Pick out all lines of the entries that include the word "save" and copy them.
::: Source records
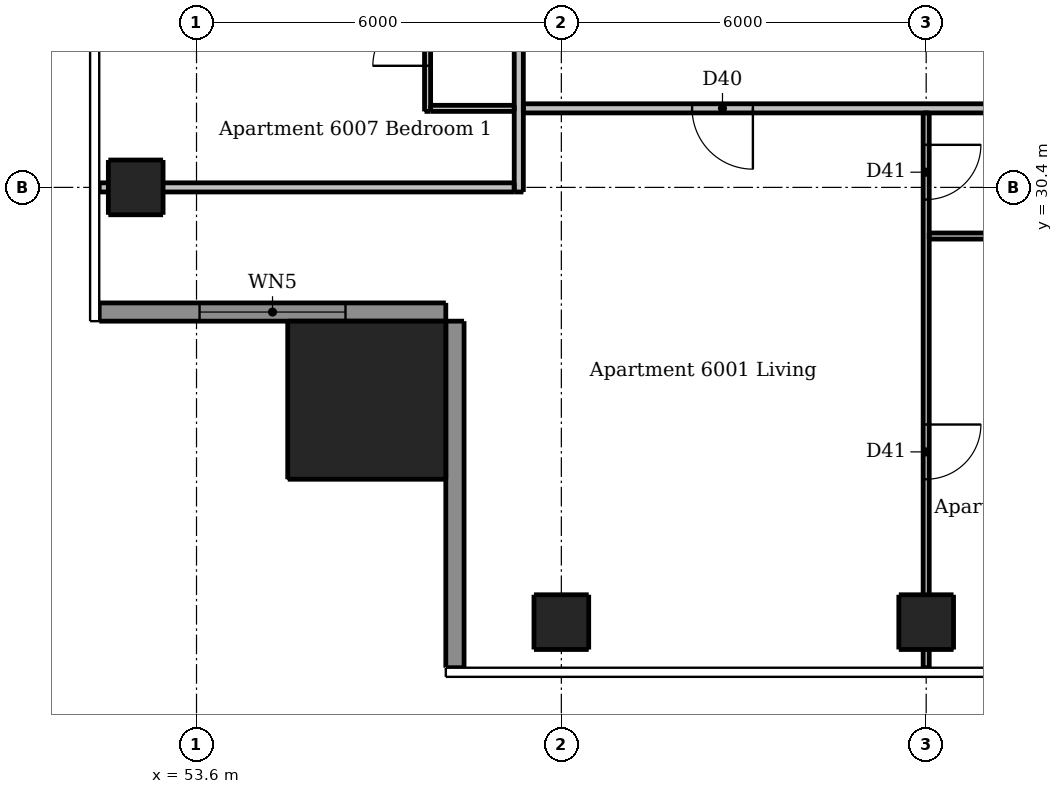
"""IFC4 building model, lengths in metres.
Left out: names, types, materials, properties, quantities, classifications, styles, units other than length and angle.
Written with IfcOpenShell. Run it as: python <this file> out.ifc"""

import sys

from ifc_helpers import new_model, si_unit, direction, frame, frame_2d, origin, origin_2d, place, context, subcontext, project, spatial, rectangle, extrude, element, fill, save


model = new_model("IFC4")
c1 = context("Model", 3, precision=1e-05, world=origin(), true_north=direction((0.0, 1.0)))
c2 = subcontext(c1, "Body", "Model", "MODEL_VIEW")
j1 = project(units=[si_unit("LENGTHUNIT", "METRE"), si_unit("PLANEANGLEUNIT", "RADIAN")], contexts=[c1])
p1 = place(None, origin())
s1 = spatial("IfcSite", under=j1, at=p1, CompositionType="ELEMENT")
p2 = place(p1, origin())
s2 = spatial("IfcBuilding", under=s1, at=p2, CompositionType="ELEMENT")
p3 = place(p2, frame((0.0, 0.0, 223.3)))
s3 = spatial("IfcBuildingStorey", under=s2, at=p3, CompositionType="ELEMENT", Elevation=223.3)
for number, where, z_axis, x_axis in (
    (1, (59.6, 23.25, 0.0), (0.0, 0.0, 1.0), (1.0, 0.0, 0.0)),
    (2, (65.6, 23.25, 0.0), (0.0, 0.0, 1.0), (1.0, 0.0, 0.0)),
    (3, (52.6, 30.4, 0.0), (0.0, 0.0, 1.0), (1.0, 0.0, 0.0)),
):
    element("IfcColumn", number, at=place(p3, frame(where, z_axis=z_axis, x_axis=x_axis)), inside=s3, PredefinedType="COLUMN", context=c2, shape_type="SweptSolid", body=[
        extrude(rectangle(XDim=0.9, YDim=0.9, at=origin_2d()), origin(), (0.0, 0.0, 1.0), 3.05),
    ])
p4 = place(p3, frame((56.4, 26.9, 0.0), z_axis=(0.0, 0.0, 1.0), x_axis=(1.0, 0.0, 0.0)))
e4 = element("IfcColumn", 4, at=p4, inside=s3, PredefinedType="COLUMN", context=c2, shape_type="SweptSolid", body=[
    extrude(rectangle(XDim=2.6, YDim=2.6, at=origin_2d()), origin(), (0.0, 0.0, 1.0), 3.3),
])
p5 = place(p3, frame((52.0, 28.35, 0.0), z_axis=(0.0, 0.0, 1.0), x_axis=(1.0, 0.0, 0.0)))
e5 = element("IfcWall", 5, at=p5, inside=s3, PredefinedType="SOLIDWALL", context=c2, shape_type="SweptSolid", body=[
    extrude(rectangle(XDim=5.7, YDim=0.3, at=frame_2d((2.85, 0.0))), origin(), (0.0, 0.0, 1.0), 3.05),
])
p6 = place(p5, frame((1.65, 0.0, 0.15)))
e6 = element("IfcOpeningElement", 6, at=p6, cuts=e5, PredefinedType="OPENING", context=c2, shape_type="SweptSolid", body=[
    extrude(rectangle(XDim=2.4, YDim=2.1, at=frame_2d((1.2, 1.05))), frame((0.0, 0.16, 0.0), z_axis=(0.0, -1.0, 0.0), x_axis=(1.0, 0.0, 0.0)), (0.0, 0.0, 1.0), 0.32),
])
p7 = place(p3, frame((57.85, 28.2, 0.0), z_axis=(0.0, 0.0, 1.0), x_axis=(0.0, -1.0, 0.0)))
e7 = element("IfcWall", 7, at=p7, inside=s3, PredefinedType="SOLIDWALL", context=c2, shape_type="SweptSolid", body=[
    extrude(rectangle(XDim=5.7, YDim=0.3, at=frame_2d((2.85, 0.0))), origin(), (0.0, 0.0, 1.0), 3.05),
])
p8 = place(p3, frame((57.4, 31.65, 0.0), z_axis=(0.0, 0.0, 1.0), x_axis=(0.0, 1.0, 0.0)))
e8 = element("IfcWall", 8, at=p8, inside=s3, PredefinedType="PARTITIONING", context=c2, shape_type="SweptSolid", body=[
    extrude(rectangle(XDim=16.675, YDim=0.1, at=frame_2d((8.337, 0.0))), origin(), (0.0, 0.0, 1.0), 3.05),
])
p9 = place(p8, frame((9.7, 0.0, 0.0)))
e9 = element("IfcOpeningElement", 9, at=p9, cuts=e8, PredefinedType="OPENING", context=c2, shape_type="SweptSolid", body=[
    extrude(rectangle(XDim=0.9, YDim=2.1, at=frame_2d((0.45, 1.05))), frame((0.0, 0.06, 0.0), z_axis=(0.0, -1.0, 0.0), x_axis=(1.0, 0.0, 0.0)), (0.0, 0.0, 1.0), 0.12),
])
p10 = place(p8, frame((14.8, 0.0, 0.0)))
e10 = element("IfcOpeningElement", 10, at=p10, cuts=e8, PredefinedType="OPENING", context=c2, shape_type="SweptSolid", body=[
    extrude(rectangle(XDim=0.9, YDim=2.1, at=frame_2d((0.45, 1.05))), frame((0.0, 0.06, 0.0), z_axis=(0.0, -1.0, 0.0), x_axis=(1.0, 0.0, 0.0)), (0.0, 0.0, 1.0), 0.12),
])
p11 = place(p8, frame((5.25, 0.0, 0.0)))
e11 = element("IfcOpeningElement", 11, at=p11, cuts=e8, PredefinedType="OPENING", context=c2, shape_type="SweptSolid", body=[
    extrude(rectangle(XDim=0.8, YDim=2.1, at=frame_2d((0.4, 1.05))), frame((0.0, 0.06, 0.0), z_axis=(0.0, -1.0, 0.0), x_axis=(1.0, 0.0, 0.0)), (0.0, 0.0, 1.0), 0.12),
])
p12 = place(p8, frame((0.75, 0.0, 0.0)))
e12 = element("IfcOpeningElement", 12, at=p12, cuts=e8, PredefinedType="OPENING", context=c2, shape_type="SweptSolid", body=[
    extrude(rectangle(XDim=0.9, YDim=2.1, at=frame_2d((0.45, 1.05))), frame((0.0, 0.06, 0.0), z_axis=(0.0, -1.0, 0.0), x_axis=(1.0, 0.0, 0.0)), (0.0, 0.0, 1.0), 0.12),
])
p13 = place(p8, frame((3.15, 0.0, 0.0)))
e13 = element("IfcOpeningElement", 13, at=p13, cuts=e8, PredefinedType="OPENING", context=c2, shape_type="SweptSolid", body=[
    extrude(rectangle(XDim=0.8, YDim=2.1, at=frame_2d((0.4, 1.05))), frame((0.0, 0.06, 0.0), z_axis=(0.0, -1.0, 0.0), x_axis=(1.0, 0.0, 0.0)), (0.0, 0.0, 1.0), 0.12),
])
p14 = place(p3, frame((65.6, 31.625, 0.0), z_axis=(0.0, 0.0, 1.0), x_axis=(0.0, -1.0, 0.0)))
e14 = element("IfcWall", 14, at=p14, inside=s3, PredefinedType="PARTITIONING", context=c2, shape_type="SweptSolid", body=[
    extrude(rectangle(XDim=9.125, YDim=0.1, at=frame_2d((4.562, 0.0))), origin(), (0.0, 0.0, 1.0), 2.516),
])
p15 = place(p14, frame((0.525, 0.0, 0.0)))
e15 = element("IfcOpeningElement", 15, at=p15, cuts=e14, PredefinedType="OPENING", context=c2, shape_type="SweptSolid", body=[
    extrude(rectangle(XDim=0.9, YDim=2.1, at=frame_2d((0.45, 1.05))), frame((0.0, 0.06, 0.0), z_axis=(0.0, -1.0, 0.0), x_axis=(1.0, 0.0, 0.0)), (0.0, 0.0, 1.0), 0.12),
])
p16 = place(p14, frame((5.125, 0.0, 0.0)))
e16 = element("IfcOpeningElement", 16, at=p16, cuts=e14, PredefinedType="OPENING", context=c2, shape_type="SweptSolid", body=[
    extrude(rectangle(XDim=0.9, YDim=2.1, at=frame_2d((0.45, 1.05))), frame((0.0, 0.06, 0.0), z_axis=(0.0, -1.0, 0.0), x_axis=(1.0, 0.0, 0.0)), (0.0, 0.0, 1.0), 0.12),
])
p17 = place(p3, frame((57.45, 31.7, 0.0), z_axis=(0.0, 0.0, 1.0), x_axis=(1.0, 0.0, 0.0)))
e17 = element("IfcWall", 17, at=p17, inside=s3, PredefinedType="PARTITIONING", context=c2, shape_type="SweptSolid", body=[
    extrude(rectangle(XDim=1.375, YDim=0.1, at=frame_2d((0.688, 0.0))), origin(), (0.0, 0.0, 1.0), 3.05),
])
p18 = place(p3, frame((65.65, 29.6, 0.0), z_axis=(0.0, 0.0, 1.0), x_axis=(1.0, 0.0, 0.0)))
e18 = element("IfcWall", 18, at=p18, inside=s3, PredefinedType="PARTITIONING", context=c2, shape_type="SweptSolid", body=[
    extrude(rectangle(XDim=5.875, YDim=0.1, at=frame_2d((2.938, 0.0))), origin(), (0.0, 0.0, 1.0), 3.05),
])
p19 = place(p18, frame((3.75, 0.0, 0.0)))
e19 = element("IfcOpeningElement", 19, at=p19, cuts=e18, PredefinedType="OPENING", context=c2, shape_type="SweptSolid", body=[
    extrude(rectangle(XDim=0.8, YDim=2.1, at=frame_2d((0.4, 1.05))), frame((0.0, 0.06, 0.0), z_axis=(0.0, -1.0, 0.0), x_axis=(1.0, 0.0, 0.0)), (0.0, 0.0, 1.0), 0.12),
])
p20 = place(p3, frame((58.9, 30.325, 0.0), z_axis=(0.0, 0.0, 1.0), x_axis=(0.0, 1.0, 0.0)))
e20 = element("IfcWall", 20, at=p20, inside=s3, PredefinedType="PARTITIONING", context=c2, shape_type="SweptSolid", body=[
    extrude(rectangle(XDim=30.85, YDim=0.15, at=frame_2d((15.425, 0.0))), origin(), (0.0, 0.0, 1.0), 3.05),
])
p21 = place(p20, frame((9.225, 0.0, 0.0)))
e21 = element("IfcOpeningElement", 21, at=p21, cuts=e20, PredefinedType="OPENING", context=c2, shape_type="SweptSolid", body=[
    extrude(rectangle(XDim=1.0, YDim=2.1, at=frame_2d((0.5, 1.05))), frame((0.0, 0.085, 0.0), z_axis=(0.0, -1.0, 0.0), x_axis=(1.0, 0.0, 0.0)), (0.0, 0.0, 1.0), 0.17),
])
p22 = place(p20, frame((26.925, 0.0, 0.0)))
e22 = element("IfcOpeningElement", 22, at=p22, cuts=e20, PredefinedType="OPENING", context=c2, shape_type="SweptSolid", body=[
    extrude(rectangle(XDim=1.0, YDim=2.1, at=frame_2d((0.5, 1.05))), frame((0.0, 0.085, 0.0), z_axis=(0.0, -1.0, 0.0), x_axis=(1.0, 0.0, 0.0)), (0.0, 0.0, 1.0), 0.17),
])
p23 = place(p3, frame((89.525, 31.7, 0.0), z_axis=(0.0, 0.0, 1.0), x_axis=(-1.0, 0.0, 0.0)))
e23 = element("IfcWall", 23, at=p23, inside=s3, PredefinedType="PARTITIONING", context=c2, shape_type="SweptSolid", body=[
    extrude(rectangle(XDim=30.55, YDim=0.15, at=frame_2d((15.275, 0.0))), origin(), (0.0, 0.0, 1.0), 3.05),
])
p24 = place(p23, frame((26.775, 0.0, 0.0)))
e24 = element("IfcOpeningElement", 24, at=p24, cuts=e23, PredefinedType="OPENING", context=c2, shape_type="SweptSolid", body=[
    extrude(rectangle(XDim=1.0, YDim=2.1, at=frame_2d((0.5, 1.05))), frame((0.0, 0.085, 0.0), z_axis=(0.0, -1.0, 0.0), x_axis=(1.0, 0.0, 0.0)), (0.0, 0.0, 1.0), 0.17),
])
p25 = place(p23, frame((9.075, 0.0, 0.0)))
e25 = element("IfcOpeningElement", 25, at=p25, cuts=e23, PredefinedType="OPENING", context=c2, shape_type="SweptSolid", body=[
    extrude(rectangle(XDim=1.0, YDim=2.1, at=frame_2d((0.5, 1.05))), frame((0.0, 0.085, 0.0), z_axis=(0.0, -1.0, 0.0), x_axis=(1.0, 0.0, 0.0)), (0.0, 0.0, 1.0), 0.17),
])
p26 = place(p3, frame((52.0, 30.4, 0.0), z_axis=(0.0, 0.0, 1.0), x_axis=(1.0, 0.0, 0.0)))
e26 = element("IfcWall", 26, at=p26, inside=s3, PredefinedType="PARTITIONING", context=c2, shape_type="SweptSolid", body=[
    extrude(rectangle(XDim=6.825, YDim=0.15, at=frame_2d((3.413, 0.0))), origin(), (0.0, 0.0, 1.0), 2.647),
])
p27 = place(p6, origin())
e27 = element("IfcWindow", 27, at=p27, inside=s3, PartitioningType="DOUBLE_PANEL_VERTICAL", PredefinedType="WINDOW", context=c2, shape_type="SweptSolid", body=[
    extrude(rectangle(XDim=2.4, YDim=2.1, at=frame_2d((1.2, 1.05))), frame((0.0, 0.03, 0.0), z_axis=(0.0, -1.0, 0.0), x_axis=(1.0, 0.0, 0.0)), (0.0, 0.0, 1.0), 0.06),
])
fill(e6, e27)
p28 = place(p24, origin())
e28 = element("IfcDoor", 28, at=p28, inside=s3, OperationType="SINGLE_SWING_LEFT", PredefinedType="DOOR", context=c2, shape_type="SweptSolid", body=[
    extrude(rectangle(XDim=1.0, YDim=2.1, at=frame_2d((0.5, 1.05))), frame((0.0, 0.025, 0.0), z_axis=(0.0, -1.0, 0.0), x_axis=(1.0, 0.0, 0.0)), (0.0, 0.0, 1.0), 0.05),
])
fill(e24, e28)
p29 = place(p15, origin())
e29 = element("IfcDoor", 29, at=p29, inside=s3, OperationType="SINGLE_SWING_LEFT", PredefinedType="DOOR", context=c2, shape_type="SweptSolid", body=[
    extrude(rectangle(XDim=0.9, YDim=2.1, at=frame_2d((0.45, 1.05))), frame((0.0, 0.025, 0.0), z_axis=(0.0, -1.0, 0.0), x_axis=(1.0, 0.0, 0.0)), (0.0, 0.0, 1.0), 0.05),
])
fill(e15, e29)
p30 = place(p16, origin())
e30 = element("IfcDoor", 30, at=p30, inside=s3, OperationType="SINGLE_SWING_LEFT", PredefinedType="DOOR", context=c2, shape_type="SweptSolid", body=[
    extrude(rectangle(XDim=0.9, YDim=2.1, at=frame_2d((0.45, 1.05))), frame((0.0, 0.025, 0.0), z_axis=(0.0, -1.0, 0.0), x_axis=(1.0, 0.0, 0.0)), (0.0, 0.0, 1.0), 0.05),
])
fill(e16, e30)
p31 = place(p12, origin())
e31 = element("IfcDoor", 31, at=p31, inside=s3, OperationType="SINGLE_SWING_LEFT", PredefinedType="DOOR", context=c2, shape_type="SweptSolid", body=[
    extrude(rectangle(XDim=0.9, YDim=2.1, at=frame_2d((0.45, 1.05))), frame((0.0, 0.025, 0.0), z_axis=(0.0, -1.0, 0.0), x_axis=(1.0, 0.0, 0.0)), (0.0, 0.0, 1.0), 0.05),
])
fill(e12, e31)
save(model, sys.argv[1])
::::::
**Worked solution:**
from ifc_helpers import new_model, si_unit, direction, frame, frame_2d, origin, origin_2d, place, context, subcontext, project, spatial, rectangle, extrude, element, fill, save
save(model, sys.argv[1])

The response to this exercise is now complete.